In the entries below, count every line containing "IfcOpeningElement". Return the number and nothing else.
---- Record set
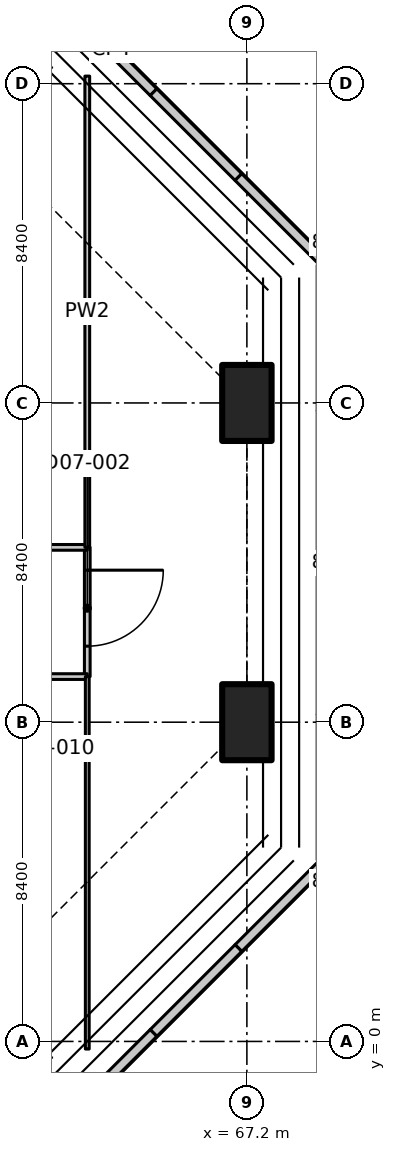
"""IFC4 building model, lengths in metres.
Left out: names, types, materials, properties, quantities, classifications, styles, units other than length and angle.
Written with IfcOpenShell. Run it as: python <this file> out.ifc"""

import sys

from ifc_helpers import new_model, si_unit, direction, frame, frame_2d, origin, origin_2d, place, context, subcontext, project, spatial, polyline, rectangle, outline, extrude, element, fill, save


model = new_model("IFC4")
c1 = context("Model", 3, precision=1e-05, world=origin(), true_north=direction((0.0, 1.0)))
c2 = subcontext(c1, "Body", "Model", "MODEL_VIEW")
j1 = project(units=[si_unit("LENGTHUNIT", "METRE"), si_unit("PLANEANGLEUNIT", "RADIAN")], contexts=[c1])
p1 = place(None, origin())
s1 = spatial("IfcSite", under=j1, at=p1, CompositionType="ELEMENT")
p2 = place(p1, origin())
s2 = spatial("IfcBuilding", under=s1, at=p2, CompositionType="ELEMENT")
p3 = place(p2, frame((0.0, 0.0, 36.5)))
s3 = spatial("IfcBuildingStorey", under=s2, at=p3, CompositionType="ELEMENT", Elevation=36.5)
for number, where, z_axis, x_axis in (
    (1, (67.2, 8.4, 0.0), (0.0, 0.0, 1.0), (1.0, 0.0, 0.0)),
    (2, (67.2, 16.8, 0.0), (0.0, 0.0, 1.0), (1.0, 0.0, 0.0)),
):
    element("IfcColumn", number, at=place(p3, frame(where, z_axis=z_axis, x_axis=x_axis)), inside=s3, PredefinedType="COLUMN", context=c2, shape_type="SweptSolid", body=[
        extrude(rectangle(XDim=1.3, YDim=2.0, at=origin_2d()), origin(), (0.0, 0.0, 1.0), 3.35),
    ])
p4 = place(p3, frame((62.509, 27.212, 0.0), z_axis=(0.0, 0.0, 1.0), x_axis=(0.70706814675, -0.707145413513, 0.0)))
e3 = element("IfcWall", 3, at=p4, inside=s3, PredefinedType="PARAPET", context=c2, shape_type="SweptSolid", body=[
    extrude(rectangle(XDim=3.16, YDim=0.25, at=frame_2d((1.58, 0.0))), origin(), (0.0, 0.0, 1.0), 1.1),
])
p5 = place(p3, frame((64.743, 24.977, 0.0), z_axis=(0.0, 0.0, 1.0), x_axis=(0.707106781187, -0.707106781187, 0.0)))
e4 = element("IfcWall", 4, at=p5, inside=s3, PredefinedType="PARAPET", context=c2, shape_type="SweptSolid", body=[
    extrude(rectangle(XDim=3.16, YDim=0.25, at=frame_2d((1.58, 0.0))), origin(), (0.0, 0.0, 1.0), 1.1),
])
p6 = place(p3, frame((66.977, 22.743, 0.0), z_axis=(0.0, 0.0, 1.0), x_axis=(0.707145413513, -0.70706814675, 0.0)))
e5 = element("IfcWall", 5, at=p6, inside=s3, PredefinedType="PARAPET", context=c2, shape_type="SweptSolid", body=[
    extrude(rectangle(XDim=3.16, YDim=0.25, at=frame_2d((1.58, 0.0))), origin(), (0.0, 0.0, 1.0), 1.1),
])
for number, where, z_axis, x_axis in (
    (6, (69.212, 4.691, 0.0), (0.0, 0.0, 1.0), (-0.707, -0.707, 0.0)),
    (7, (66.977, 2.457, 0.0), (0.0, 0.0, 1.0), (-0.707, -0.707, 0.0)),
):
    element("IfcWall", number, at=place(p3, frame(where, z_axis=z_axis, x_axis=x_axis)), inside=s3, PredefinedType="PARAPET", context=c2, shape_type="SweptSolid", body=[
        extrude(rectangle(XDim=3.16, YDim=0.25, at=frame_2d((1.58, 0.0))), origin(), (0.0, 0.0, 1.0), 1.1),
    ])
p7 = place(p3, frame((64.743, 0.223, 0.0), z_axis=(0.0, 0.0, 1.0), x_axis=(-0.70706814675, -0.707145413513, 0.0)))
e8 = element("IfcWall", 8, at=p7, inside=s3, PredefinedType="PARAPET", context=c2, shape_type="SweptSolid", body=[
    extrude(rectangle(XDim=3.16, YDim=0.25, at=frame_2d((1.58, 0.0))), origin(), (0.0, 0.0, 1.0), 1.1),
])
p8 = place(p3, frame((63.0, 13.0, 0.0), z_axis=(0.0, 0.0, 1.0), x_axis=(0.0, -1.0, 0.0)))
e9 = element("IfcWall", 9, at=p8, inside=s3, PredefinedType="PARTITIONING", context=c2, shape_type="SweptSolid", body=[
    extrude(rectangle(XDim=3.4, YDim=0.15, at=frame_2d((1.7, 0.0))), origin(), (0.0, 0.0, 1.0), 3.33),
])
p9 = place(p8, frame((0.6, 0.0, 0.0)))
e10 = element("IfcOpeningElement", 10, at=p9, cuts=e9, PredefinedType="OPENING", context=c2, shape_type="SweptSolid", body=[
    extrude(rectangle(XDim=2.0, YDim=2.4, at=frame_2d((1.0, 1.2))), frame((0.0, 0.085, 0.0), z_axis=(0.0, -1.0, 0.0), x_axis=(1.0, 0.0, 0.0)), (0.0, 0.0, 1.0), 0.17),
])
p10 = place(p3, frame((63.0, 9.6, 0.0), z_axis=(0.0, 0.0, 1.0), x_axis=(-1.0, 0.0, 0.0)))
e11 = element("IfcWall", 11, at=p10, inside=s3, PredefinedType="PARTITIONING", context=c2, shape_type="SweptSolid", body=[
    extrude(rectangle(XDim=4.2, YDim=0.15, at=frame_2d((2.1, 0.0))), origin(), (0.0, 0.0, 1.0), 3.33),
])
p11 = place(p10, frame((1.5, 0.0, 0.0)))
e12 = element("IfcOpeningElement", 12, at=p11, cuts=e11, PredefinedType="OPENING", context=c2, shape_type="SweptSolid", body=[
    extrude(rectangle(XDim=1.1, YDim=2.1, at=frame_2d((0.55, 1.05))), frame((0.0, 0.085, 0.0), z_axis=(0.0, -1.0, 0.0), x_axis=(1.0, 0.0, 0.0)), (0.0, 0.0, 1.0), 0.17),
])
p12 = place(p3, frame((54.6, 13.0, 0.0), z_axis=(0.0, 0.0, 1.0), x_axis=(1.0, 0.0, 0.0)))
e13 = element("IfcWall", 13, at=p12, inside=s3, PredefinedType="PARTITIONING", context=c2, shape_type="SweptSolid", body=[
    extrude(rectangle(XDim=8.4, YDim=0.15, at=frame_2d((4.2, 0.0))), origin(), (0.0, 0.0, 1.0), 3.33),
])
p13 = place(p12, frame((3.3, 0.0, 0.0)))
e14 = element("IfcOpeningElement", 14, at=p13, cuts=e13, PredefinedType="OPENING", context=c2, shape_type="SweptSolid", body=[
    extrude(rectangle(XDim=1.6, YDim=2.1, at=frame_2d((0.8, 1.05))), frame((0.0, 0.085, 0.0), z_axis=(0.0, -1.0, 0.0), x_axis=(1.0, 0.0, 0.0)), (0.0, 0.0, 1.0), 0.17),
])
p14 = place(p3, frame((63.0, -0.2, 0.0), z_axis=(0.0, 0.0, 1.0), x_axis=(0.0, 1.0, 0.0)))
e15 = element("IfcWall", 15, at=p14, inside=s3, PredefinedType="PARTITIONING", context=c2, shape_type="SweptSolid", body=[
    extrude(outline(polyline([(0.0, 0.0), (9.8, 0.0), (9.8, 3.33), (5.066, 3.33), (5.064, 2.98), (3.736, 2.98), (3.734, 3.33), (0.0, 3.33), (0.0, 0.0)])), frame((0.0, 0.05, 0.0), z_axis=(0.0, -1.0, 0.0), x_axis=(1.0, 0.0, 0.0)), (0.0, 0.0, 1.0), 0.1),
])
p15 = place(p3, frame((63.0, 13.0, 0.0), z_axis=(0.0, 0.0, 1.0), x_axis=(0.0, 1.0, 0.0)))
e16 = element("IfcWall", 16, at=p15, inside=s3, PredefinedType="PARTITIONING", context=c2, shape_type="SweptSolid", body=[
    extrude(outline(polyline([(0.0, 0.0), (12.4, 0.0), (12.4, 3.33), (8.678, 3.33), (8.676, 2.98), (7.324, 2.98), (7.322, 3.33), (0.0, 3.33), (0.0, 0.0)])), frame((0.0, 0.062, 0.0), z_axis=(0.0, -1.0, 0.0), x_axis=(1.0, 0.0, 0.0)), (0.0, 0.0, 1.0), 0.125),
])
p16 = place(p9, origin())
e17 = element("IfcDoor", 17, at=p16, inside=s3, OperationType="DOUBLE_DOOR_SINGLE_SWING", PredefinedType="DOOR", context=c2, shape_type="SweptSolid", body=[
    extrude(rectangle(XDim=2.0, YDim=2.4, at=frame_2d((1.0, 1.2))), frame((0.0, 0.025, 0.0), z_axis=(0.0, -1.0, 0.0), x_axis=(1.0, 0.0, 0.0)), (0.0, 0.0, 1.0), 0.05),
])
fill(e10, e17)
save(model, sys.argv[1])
--------
Output for this exercise:
3